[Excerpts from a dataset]
--------------------

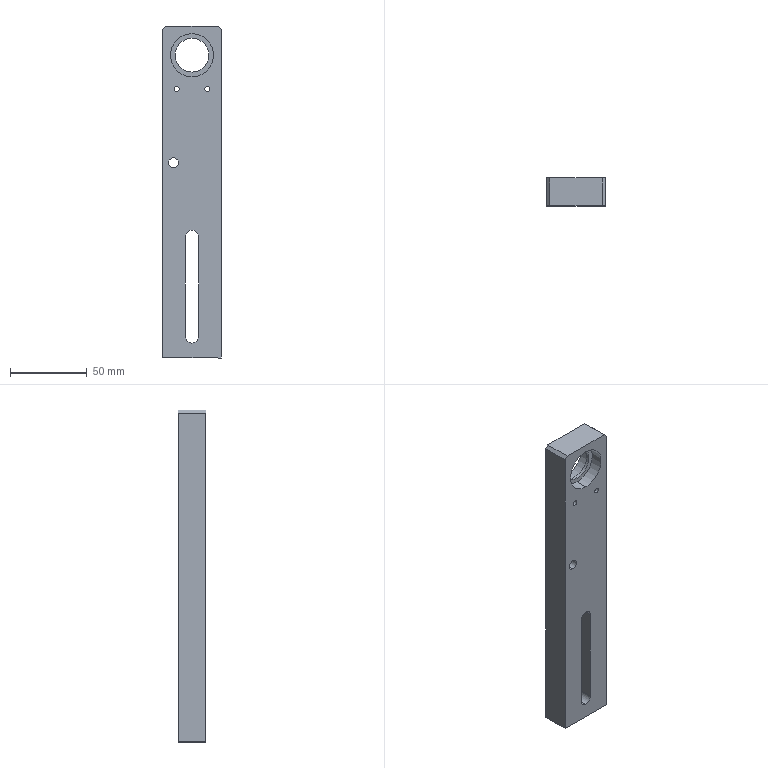Component | SolidWorks | FixedBlock2-1 | 1 solid | 30 faces | box 38 x 18 x 216 mm | volume 124786 mm3 | cylinder 17 | plane 13 | commonest cylinder face diameters 3.3 x4 28 x4 8.5 x3 11 x2 6.5 x2 22 x2
build123d program:
from build123d import *

# Parameters (mm, degrees)
SKETCH1_W                                          = 216
SKETCH1_H                                          = 38
BOSS_EXTRUDE1_DEPTH                                = 18
SKETCH3_R                                          = 11
CUT_EXTRUDE1_DEPTH                                 = 18
SKETCH4_R                                          = 14
CUT_EXTRUDE2_DEPTH                                 = 8
CUT_EXTRUDE3_START                                 = -8
SKETCH5_R                                          = 14
CUT_EXTRUDE3_DEPTH                                 = 8
CUT_EXTRUDE4_DEPTH                                 = 73
CHAMFER1_SIZE                                      = 2
M4_TAPPED_HOLE1_D                                  = 3.3
HOLE_SIZE_ACCORDING_TO_TYPE_1_OF_HEXAG_D           = 6.5
HOLE_SIZE_ACCORDING_TO_TYPE_1_OF_HEXAG_CBORE_D     = 11
HOLE_SIZE_ACCORDING_TO_TYPE_1_OF_HEXAG_CBORE_DEPTH = 6.5


with BuildPart() as part:
    # Sketch1 → Boss-Extrude1 (new body)
    with BuildSketch(Plane.XY):
        Rectangle(SKETCH1_W, SKETCH1_H)
    extrude(amount=BOSS_EXTRUDE1_DEPTH)

    # Sketch3 → Cut-Extrude1 (cut)
    with BuildSketch(Plane.XY.offset(18)):
        with Locations((89, 0)):
            Circle(SKETCH3_R)
    extrude(amount=-CUT_EXTRUDE1_DEPTH, mode=Mode.SUBTRACT)

    # Sketch4 → Cut-Extrude2 (cut)
    with BuildSketch(Plane.XY.offset(18)):
        with Locations((89, 0)):
            Circle(SKETCH4_R)
    extrude(amount=-CUT_EXTRUDE2_DEPTH, mode=Mode.SUBTRACT)

    # Sketch5 → Cut-Extrude3 (cut)
    with BuildSketch(Plane(origin=(0, 0, 0), x_dir=(-1, 0, 0), z_dir=(0, 0, -1)).offset(CUT_EXTRUDE3_START)):
        with Locations(Location((-89, 0, 0), (0, 0, 180))):
            Circle(SKETCH5_R)
    extrude(amount=CUT_EXTRUDE3_DEPTH, mode=Mode.SUBTRACT)

    # Sketch6 → Cut-Extrude4 (cut)
    with BuildSketch(Plane(origin=(0, 0, 0), x_dir=(-1, 0, 0), z_dir=(0, 0, -1))):
        with BuildLine():
            Line((29, 4.25), (94, 4.25))
            ThreePointArc((94, 4.25), (98.25, 0), (94, -4.25))
            Line((94, -4.25), (29, -4.25))
            ThreePointArc((29, -4.25), (24.75, 0), (29, 4.25))
        make_face()
    extrude(amount=-CUT_EXTRUDE4_DEPTH, mode=Mode.SUBTRACT)

    # Chamfer1
    chamfer1_edges = [part.edges().sort_by_distance(p)[0] for p in [
        (108, -19, 9),
        (108, 19, 9),
    ]]
    chamfer(chamfer1_edges, length=CHAMFER1_SIZE)

    # M4 Tapped Hole1 (through all)
    with Locations(Plane(origin=(67, -10, 0), x_dir=(-1, 0, 0), z_dir=(0, 0, -1))):
        with Locations((0, 0), (0, 20)):
            Hole(M4_TAPPED_HOLE1_D / 2)

    # Hole Size _according to_ Type 1 of Hexag (through all)
    with Locations(Plane(origin=(19, -12, 18), x_dir=(1, 0, 0), z_dir=(0, 0, 1))):
        with Locations((0, 0)):
            CounterBoreHole(HOLE_SIZE_ACCORDING_TO_TYPE_1_OF_HEXAG_D / 2, HOLE_SIZE_ACCORDING_TO_TYPE_1_OF_HEXAG_CBORE_D / 2, HOLE_SIZE_ACCORDING_TO_TYPE_1_OF_HEXAG_CBORE_DEPTH)


solid = part.part

# Placed as in the assembly
solid = solid.moved(Location((-48.547, -21.54, 239), (-90, 0, -90)))
STEP:
#1=CARTESIAN_POINT('',(-2.384,-0.3953,9.941));
#2=VERTEX_POINT('',#1);
#3=CARTESIAN_POINT('',(-2.384,-0.3953,10.374));
#4=VERTEX_POINT('',#3);
#5=CARTESIAN_POINT('',(-2.384,-0.3953,10.157));
#6=DIRECTION('',(-0.,1.,-0.));
#7=DIRECTION('',(0.,0.,1.));
#8=AXIS2_PLACEMENT_3D('',#5,#6,#7);
#9=CIRCLE('',#8,0.2165);
#10=EDGE_CURVE('',#2,#4,#9,.T.);
#11=ORIENTED_EDGE('',*,*,#10,.F.);
#12=CARTESIAN_POINT('',(-2.384,-0.1394,9.941));
#13=VERTEX_POINT('',#12);
#14=CARTESIAN_POINT('',(-2.384,-0.1394,9.941));
#15=DIRECTION('',(-0.,1.,-0.));
#16=VECTOR('',#15,39.37);
#17=LINE('',#14,#16);
#18=EDGE_CURVE('',#2,#13,#17,.T.);
#19=ORIENTED_EDGE('',*,*,#18,.T.);
#20=CARTESIAN_POINT('',(-2.384,-0.1394,10.374));
#21=VERTEX_POINT('',#20);
#22=CARTESIAN_POINT('',(-2.384,-0.1394,10.157));
#23=DIRECTION('',(-0.,1.,-0.));
#24=DIRECTION('',(0.,0.,1.));
#25=AXIS2_PLACEMENT_3D('',#22,#23,#24);
#26=CIRCLE('',#25,0.2165);
#27=EDGE_CURVE('',#13,#21,#26,.T.);
#28=ORIENTED_EDGE('',*,*,#27,.T.);
#29=CARTESIAN_POINT('',(-2.384,-0.1394,10.374));
#30=DIRECTION('',(-0.,1.,-0.));
#31=VECTOR('',#30,39.37);
#32=LINE('',#29,#31);
#33=EDGE_CURVE('',#4,#21,#32,.T.);
#34=ORIENTED_EDGE('',*,*,#33,.F.);
#35=EDGE_LOOP('',(#11,#19,#28,#34));
#36=FACE_OUTER_BOUND('',#35,.T.);
#37=CARTESIAN_POINT('',(-2.384,-0.1394,10.157));
#38=DIRECTION('',(-0.,1.,-0.));
#39=DIRECTION('',(0.,0.,1.));
#40=AXIS2_PLACEMENT_3D('',#37,#38,#39);
#41=CYLINDRICAL_SURFACE('',#40,0.2165);
#42=ADVANCED_FACE('',(#36),#41,.F.);
#43=CARTESIAN_POINT('',(-2.384,-0.848,10.285));
#44=VERTEX_POINT('',#43);
#45=CARTESIAN_POINT('',(-2.384,-0.848,10.03));
#46=VERTEX_POINT('',#45);
#47=CARTESIAN_POINT('',(-2.384,-0.848,10.157));
#48=DIRECTION('',(0.,-1.,0.));
#49=DIRECTION('',(-0.,0.,-1.));
#50=AXIS2_PLACEMENT_3D('',#47,#48,#49);
#51=CIRCLE('',#50,0.128);
#52=EDGE_CURVE('',#44,#46,#51,.T.);
#53=ORIENTED_EDGE('',*,*,#52,.T.);
#54=CARTESIAN_POINT('',(-2.384,-0.3953,10.03));
#55=VERTEX_POINT('',#54);
#56=CARTESIAN_POINT('',(-2.384,-0.1394,10.03));
#57=DIRECTION('',(-0.,1.,-0.));
#58=VECTOR('',#57,39.37);
#59=LINE('',#56,#58);
#60=EDGE_CURVE('',#46,#55,#59,.T.);
#61=ORIENTED_EDGE('',*,*,#60,.T.);
#62=CARTESIAN_POINT('',(-2.384,-0.3953,10.285));
#63=VERTEX_POINT('',#62);
#64=CARTESIAN_POINT('',(-2.384,-0.3953,10.157));
#65=DIRECTION('',(-0.,1.,-0.));
#66=DIRECTION('',(0.,0.,1.));
#67=AXIS2_PLACEMENT_3D('',#64,#65,#66);
#68=CIRCLE('',#67,0.128);
#69=EDGE_CURVE('',#55,#63,#68,.T.);
#70=ORIENTED_EDGE('',*,*,#69,.T.);
#71=CARTESIAN_POINT('',(-2.384,-0.1394,10.285));
#72=DIRECTION('',(-0.,1.,-0.));
#73=VECTOR('',#72,39.37);
#74=LINE('',#71,#73);
#75=EDGE_CURVE('',#44,#63,#74,.T.);
#76=ORIENTED_EDGE('',*,*,#75,.F.);
#77=EDGE_LOOP('',(#53,#61,#70,#76));
#78=FACE_OUTER_BOUND('',#77,.T.);
#79=CARTESIAN_POINT('',(-2.384,-0.1394,10.157));
#80=DIRECTION('',(-0.,1.,-0.));
#81=DIRECTION('',(0.,0.,1.));
#82=AXIS2_PLACEMENT_3D('',#79,#80,#81);
#83=CYLINDRICAL_SURFACE('',#82,0.128);
#84=ADVANCED_FACE('',(#78),#83,.F.);
#85=CARTESIAN_POINT('',(-2.305,-0.1394,12.112));
#86=VERTEX_POINT('',#85);
#87=CARTESIAN_POINT('',(-2.305,-0.1394,11.982));
#88=VERTEX_POINT('',#87);
#89=CARTESIAN_POINT('',(-2.305,-0.1394,12.047));
#90=DIRECTION('',(0.,-1.,0.));
#91=DIRECTION('',(-0.,0.,-1.));
#92=AXIS2_PLACEMENT_3D('',#89,#90,#91);
#93=CIRCLE('',#92,0.06496);
#94=EDGE_CURVE('',#86,#88,#93,.T.);
#95=ORIENTED_EDGE('',*,*,#94,.F.);
#96=CARTESIAN_POINT('',(-2.305,-0.848,12.112));
#97=VERTEX_POINT('',#96);
#98=CARTESIAN_POINT('',(-2.305,-0.848,12.112));
#99=DIRECTION('',(0.,-1.,0.));
#100=VECTOR('',#99,39.37);
#101=LINE('',#98,#100);
#102=EDGE_CURVE('',#86,#97,#101,.T.);
#103=ORIENTED_EDGE('',*,*,#102,.T.);
#104=CARTESIAN_POINT('',(-2.305,-0.848,11.982));
#105=VERTEX_POINT('',#104);
#106=CARTESIAN_POINT('',(-2.305,-0.848,12.047));
#107=DIRECTION('',(0.,-1.,0.));
#108=DIRECTION('',(-0.,0.,-1.));
#109=AXIS2_PLACEMENT_3D('',#106,#107,#108);
#110=CIRCLE('',#109,0.06496);
#111=EDGE_CURVE('',#97,#105,#110,.T.);
#112=ORIENTED_EDGE('',*,*,#111,.T.);
#113=CARTESIAN_POINT('',(-2.305,-0.848,11.982));
#114=DIRECTION('',(0.,-1.,0.));
#115=VECTOR('',#114,39.37);
#116=LINE('',#113,#115);
#117=EDGE_CURVE('',#88,#105,#116,.T.);
#118=ORIENTED_EDGE('',*,*,#117,.F.);
#119=EDGE_LOOP('',(#95,#103,#112,#118));
#120=FACE_OUTER_BOUND('',#119,.T.);
#121=CARTESIAN_POINT('',(-2.305,-0.848,12.047));
#122=DIRECTION('',(0.,-1.,0.));
#123=DIRECTION('',(-0.,0.,-1.));
#124=AXIS2_PLACEMENT_3D('',#121,#122,#123);
#125=CYLINDRICAL_SURFACE('',#124,0.06496);
#126=ADVANCED_FACE('',(#120),#125,.F.);
#127=CARTESIAN_POINT('',(-1.518,-0.1394,12.112));
#128=VERTEX_POINT('',#127);
#129=CARTESIAN_POINT('',(-1.518,-0.1394,11.982));
#130=VERTEX_POINT('',#129);
#131=CARTESIAN_POINT('',(-1.518,-0.1394,12.047));
#132=DIRECTION('',(0.,-1.,0.));
#133=DIRECTION('',(-0.,0.,-1.));
#134=AXIS2_PLACEMENT_3D('',#131,#132,#133);
#135=CIRCLE('',#134,0.06496);
#136=EDGE_CURVE('',#128,#130,#135,.T.);
#137=ORIENTED_EDGE('',*,*,#136,.F.);
#138=CARTESIAN_POINT('',(-1.518,-0.848,12.112));
#139=VERTEX_POINT('',#138);
#140=CARTESIAN_POINT('',(-1.518,-0.848,12.112));
#141=DIRECTION('',(0.,-1.,0.));
#142=VECTOR('',#141,39.37);
#143=LINE('',#140,#142);
#144=EDGE_CURVE('',#128,#139,#143,.T.);
#145=ORIENTED_EDGE('',*,*,#144,.T.);
#146=CARTESIAN_POINT('',(-1.518,-0.848,11.982));
#147=VERTEX_POINT('',#146);
#148=CARTESIAN_POINT('',(-1.518,-0.848,12.047));
#149=DIRECTION('',(0.,-1.,0.));
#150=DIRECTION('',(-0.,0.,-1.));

--------------------

WHAT TO PRODUCE ▸
What are the lines, exactly as written above, from the line with "#98=CARTESIAN_POINT('',(-2.305,-0.848,12.112));" to the line with "#113=CARTESIAN_POINT('',(-2.305,-0.848,11.982));", both included? Output only those.

WRITTEN RESPONSE ▸
#98=CARTESIAN_POINT('',(-2.305,-0.848,12.112));
#99=DIRECTION('',(0.,-1.,0.));
#100=VECTOR('',#99,39.37);
#101=LINE('',#98,#100);
#102=EDGE_CURVE('',#86,#97,#101,.T.);
#103=ORIENTED_EDGE('',*,*,#102,.T.);
#104=CARTESIAN_POINT('',(-2.305,-0.848,11.982));
#105=VERTEX_POINT('',#104);
#106=CARTESIAN_POINT('',(-2.305,-0.848,12.047));
#107=DIRECTION('',(0.,-1.,0.));
#108=DIRECTION('',(-0.,0.,-1.));
#109=AXIS2_PLACEMENT_3D('',#106,#107,#108);
#110=CIRCLE('',#109,0.06496);
#111=EDGE_CURVE('',#97,#105,#110,.T.);
#112=ORIENTED_EDGE('',*,*,#111,.T.);
#113=CARTESIAN_POINT('',(-2.305,-0.848,11.982));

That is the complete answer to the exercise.